What lines in the following entries hold the word "direction"? Copy each one.

..........

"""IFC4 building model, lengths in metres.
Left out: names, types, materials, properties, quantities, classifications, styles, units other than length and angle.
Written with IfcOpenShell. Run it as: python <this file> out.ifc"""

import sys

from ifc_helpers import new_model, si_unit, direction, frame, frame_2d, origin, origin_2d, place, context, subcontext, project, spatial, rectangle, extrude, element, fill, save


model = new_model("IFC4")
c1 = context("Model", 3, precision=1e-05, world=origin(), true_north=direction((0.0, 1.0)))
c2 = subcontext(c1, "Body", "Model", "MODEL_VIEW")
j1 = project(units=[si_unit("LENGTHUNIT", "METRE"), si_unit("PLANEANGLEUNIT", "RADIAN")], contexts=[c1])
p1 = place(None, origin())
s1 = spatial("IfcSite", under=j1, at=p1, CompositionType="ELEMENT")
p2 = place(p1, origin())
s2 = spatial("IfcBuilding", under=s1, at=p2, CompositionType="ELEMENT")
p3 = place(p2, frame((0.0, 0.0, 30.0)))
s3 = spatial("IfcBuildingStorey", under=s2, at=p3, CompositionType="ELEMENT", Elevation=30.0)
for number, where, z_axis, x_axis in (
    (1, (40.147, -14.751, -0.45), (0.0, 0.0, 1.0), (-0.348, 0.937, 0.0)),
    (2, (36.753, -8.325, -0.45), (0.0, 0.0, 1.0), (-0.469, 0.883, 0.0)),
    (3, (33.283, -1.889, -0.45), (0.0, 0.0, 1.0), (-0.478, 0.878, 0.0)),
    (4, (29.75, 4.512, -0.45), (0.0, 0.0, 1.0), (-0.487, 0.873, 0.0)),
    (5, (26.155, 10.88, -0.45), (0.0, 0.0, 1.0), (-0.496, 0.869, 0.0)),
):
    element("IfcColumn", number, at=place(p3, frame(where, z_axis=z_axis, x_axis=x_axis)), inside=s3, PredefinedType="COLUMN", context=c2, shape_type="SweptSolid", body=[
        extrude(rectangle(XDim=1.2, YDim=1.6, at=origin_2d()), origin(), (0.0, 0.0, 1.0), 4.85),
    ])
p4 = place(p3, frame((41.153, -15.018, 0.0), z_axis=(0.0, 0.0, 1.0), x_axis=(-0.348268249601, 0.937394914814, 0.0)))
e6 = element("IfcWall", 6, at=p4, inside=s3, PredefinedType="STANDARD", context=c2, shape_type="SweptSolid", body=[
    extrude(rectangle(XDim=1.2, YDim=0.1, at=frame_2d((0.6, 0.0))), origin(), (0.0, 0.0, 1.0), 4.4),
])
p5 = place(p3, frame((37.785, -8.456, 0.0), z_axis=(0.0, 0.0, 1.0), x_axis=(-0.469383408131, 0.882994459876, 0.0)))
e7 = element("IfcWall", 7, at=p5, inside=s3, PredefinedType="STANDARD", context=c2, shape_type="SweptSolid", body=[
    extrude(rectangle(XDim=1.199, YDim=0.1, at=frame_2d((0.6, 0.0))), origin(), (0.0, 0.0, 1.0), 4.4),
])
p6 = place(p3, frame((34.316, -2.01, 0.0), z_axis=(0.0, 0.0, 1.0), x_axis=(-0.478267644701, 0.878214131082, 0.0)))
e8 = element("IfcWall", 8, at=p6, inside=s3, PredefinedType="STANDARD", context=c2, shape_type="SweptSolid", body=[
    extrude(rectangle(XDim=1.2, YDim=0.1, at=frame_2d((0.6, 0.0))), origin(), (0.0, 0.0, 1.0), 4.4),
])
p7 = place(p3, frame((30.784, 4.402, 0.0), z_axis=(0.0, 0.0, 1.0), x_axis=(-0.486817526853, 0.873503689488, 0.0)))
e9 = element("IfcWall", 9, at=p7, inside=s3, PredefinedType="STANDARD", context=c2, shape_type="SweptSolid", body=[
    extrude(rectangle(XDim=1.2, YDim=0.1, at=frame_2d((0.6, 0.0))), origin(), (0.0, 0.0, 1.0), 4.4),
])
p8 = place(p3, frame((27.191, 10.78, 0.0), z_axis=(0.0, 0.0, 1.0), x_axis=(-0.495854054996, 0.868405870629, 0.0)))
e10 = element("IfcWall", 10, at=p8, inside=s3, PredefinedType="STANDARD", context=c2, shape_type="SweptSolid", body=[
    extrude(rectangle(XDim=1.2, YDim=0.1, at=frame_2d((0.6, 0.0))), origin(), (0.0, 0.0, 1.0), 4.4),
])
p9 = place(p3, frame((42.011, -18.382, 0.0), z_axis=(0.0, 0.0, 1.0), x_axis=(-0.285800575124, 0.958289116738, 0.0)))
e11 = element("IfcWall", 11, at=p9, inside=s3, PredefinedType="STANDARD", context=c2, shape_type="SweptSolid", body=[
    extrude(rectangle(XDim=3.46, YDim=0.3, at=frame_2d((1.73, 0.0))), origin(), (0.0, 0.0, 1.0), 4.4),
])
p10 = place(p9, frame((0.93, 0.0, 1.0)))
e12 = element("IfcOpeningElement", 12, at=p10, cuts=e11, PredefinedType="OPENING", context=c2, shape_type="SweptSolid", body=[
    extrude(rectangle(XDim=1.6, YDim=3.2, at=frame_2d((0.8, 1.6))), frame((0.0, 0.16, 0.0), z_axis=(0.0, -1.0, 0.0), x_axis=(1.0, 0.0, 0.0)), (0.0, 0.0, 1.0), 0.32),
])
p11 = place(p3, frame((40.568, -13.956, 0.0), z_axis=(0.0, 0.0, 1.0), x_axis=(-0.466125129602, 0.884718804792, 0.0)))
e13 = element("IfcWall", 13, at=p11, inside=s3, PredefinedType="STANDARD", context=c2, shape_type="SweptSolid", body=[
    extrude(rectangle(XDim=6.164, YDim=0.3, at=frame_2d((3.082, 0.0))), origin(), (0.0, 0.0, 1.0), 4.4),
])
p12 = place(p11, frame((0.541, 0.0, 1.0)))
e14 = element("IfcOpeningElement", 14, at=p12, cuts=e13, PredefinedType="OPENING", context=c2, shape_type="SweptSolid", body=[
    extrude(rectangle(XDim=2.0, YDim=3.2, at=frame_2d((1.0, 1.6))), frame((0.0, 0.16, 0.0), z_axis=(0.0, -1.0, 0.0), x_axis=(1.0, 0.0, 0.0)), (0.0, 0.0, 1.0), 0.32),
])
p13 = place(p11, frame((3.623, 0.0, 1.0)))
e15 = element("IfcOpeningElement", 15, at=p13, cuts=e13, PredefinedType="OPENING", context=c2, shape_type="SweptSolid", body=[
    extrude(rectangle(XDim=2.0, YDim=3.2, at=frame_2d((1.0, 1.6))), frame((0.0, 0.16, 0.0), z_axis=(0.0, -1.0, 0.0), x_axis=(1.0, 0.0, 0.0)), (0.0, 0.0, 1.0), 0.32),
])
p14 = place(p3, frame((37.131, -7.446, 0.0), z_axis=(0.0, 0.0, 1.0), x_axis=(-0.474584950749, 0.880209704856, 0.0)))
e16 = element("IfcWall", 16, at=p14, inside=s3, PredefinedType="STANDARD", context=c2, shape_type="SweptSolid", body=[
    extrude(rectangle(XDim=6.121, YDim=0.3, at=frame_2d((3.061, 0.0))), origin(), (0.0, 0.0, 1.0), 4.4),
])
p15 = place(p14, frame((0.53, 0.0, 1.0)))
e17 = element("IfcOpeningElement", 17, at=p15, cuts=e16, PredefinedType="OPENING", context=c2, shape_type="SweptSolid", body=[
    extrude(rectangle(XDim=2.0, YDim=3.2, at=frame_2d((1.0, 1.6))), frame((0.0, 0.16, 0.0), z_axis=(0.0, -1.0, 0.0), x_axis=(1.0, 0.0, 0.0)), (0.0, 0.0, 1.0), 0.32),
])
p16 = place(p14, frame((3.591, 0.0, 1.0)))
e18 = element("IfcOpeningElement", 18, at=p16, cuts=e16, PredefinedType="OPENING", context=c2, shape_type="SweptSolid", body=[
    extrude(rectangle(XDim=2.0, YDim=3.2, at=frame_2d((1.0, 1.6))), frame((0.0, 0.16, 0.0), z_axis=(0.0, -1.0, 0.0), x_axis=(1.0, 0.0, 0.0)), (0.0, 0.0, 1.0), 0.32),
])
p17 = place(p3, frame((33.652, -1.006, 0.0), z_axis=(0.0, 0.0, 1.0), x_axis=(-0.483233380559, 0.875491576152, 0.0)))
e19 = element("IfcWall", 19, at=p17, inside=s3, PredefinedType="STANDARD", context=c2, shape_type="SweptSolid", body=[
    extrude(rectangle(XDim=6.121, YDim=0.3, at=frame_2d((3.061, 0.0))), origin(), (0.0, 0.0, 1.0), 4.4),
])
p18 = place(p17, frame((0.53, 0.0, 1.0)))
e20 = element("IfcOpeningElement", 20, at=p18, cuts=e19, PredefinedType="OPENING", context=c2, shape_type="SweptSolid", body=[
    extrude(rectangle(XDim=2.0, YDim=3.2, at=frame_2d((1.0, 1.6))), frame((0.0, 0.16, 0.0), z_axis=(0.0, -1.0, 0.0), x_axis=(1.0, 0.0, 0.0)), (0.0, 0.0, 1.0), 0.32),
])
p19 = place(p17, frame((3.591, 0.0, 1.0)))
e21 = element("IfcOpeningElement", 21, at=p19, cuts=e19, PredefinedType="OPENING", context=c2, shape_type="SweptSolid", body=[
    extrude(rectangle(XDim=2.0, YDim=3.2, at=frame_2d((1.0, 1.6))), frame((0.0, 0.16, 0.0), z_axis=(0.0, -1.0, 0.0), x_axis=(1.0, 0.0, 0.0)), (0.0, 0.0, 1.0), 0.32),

..........

- **Problem solution**
from ifc_helpers import new_model, si_unit, direction, frame, frame_2d, origin, origin_2d, place, context, subcontext, project, spatial, rectangle, extrude, element, fill, save
c1 = context("Model", 3, precision=1e-05, world=origin(), true_north=direction((0.0, 1.0)))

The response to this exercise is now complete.